# DIRECTIONS
Identify every line in the records below that contains the word "start", and reproduce each one.

[Stored data]

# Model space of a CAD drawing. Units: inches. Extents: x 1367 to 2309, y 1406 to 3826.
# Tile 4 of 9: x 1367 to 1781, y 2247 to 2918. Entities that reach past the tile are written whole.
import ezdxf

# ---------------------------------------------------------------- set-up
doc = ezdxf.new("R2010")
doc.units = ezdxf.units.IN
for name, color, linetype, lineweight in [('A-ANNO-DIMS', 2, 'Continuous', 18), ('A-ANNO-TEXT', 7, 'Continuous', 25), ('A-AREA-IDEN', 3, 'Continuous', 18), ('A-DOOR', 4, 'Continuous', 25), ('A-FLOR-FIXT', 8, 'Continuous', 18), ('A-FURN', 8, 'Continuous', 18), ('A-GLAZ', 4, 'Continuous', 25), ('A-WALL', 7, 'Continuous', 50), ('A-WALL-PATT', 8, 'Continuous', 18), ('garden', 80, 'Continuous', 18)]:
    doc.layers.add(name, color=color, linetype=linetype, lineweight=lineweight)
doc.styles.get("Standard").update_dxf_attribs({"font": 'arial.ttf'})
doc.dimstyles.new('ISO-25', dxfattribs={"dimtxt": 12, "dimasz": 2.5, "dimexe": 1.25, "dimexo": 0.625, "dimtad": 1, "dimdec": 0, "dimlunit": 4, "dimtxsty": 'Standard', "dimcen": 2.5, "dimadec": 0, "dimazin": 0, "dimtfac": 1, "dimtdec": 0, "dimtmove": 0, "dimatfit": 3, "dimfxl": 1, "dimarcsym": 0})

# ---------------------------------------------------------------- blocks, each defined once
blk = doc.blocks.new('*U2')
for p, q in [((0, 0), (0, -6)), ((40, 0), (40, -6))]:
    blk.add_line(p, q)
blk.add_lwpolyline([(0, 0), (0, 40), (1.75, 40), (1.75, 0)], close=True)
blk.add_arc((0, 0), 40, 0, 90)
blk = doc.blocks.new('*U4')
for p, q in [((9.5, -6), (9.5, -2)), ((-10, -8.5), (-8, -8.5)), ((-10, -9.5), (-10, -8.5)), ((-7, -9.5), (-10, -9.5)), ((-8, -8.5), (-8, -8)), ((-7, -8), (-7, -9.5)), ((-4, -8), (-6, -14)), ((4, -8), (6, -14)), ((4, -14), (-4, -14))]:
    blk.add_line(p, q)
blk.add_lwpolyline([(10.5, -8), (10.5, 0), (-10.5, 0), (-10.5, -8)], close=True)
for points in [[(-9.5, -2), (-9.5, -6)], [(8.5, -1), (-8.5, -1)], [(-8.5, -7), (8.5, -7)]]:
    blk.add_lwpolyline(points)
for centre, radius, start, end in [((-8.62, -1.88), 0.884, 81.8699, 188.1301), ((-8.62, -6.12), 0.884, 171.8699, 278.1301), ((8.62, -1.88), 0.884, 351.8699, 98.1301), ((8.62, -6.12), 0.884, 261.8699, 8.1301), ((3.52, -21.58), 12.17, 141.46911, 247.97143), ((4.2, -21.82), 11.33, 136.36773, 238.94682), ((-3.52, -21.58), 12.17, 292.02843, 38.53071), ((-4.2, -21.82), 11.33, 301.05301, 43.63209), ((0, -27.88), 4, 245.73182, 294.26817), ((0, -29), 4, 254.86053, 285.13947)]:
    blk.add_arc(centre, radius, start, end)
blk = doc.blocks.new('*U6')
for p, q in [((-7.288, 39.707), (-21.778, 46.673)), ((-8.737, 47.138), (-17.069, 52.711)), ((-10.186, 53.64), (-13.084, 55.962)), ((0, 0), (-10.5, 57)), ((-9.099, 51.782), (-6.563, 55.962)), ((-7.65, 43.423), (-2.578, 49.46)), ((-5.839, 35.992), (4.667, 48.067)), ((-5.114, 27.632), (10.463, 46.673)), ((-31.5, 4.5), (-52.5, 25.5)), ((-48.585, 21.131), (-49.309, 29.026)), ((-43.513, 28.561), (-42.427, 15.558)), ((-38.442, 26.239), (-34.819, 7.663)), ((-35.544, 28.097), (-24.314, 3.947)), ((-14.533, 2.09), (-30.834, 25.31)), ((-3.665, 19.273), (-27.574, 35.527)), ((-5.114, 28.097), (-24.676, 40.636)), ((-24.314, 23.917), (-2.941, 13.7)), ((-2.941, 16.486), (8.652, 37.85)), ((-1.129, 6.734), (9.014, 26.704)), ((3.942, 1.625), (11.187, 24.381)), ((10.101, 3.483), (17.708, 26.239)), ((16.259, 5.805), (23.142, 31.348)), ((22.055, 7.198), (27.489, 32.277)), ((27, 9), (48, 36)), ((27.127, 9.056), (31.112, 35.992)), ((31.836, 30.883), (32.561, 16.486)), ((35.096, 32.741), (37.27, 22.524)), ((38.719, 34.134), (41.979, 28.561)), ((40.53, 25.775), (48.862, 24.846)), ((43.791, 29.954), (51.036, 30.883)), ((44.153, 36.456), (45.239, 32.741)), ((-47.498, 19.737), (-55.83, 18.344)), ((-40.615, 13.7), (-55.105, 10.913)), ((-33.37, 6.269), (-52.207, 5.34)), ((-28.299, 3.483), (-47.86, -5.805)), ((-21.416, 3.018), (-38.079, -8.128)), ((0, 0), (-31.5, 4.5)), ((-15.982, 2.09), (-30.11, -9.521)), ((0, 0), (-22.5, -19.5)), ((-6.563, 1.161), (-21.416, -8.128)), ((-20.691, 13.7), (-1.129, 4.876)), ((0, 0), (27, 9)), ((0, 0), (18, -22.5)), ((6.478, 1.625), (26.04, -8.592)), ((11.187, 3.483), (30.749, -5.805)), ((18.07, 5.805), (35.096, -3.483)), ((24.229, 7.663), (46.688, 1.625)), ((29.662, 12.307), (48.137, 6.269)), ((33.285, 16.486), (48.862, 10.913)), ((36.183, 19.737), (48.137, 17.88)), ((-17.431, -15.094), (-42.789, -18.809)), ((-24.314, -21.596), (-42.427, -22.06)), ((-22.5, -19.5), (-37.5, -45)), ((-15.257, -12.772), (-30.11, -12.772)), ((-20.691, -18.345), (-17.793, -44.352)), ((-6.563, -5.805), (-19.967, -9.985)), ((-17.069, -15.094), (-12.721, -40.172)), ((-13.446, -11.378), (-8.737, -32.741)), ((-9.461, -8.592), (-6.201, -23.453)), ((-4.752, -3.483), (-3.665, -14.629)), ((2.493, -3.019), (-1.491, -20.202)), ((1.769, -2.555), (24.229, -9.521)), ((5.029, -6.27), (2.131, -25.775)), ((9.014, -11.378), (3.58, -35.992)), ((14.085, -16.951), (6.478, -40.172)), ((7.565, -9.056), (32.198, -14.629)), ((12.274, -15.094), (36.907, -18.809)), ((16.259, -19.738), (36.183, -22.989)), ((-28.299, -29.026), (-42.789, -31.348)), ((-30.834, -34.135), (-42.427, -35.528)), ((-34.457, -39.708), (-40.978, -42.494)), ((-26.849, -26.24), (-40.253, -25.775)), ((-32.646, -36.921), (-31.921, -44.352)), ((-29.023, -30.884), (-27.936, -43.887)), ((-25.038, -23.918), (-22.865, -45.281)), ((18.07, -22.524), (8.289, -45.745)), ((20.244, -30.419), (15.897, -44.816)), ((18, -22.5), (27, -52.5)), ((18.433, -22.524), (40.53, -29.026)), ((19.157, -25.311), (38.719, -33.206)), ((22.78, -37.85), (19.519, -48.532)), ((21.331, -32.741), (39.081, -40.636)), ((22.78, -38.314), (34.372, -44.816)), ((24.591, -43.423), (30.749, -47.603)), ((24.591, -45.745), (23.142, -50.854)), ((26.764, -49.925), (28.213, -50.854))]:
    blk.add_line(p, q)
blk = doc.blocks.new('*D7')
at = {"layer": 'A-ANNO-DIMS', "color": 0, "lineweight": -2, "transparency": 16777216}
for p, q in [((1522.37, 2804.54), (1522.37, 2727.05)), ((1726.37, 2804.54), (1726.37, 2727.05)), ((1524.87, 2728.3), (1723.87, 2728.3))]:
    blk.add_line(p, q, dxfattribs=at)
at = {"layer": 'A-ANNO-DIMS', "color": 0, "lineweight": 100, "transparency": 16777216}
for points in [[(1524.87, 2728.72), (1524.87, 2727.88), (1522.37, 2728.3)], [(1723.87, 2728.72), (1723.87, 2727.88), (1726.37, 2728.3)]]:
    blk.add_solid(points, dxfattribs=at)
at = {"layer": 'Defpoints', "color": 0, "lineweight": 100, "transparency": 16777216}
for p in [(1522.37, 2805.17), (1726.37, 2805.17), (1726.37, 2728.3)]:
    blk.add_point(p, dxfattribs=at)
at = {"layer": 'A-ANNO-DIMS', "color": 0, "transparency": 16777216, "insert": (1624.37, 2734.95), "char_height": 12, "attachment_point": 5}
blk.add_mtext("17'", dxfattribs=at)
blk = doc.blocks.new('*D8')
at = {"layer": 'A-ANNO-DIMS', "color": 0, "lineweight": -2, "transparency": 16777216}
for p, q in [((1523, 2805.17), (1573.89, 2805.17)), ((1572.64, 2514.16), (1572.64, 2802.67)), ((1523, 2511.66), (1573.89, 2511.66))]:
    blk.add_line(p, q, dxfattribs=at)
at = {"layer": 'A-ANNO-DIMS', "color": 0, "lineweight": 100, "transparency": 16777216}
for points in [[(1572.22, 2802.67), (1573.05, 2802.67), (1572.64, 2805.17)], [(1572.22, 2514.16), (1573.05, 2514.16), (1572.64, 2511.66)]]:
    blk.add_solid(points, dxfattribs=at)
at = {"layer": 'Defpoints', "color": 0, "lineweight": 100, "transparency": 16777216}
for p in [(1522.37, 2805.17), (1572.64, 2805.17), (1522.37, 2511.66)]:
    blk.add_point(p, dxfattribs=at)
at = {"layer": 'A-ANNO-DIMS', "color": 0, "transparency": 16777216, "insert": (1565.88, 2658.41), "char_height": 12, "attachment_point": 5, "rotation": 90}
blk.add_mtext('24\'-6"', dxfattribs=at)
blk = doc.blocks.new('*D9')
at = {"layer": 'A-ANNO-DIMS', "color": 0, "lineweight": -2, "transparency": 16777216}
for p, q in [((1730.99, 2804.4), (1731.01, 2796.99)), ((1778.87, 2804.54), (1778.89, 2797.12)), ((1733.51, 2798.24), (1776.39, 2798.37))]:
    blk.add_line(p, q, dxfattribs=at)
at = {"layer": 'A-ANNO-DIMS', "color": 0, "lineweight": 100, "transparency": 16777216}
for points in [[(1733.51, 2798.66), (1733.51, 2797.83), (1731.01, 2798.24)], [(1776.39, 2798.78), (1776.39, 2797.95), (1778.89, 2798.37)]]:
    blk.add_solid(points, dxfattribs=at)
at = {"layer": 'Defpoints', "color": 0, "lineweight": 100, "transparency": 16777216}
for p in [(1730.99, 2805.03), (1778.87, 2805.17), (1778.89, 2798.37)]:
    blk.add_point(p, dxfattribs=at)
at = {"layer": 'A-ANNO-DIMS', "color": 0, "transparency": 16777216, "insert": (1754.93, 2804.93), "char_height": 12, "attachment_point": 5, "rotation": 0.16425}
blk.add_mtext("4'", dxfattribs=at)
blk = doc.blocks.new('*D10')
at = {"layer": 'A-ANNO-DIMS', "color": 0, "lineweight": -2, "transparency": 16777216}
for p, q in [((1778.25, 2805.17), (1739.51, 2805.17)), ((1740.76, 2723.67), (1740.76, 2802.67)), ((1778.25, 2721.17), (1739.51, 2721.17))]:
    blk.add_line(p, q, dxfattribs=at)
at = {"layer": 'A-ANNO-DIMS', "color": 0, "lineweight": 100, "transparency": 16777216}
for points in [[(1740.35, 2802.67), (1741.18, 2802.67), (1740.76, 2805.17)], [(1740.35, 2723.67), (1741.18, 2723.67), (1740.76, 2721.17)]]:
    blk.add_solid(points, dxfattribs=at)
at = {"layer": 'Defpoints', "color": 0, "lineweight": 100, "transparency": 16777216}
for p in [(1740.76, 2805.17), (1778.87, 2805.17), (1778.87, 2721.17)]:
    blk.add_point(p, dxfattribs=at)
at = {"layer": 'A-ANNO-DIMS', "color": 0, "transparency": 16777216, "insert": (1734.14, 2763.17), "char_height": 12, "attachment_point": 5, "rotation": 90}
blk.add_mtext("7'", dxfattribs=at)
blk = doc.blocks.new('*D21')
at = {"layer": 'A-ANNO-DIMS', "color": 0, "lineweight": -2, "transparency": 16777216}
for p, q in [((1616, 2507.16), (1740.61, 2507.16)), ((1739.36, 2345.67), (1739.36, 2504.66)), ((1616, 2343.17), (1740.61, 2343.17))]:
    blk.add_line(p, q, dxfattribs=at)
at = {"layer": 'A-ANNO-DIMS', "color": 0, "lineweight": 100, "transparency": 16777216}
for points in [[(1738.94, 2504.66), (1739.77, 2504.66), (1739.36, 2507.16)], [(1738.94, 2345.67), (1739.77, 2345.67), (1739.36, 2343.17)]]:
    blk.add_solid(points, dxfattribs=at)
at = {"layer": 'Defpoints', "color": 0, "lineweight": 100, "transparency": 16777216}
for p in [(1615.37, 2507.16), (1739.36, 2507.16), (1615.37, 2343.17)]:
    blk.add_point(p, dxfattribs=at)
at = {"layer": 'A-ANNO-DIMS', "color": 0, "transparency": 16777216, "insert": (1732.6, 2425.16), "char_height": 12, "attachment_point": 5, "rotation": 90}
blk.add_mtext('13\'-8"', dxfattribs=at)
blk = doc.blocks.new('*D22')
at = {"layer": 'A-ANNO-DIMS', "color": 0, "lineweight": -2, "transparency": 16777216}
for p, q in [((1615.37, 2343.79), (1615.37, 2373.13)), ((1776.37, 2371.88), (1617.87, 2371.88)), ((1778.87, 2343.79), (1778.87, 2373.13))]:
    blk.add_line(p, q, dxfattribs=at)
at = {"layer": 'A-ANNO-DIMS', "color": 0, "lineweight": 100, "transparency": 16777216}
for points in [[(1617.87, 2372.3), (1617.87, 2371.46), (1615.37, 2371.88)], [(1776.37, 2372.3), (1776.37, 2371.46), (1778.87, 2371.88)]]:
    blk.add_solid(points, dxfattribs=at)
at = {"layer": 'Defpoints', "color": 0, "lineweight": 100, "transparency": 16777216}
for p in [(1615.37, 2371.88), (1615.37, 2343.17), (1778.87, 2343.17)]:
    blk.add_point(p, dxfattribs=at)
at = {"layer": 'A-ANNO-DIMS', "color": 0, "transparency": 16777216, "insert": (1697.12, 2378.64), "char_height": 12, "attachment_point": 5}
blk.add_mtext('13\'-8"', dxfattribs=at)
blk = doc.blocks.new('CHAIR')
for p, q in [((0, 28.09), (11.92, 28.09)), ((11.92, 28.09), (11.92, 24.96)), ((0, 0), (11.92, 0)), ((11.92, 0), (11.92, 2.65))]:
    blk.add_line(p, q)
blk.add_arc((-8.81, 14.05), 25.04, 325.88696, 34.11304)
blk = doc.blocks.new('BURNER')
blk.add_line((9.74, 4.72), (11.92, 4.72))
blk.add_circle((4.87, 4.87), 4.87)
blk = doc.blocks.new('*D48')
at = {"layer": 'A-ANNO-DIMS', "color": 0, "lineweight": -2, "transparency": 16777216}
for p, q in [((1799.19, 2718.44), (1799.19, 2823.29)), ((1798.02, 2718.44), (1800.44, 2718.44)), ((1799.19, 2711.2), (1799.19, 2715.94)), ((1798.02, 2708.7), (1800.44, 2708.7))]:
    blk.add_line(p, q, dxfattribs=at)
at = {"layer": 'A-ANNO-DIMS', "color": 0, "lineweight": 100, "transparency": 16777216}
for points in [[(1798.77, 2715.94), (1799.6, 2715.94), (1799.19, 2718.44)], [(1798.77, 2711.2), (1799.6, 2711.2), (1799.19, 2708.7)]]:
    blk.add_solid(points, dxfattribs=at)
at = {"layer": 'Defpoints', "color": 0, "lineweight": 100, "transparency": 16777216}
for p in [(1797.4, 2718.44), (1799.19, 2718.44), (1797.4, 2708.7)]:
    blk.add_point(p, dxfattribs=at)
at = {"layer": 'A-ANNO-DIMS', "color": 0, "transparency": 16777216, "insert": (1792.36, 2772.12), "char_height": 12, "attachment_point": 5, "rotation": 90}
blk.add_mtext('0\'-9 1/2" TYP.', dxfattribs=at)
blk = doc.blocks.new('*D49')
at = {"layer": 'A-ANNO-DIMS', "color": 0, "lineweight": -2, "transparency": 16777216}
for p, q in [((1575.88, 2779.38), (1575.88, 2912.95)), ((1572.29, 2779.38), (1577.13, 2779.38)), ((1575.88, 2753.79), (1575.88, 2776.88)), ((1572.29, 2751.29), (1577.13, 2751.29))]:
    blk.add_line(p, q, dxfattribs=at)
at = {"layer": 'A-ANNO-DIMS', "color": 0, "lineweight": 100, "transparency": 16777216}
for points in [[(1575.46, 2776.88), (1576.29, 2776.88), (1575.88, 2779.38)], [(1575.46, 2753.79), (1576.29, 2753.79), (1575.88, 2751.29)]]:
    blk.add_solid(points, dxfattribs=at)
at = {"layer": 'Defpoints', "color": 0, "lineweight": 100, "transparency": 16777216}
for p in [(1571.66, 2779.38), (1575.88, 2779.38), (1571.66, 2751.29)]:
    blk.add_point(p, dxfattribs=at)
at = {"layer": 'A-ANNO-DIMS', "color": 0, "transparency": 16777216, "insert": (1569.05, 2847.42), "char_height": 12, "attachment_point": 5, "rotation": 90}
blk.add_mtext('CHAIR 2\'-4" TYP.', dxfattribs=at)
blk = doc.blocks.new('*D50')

# TASK RESPONSE
for centre, radius, start, end in [((-8.62, -1.88), 0.884, 81.8699, 188.1301), ((-8.62, -6.12), 0.884, 171.8699, 278.1301), ((8.62, -1.88), 0.884, 351.8699, 98.1301), ((8.62, -6.12), 0.884, 261.8699, 8.1301), ((3.52, -21.58), 12.17, 141.46911, 247.97143), ((4.2, -21.82), 11.33, 136.36773, 238.94682), ((-3.52, -21.58), 12.17, 292.02843, 38.53071), ((-4.2, -21.82), 11.33, 301.05301, 43.63209), ((0, -27.88), 4, 245.73182, 294.26817), ((0, -29), 4, 254.86053, 285.13947)]:
    blk.add_arc(centre, radius, start, end)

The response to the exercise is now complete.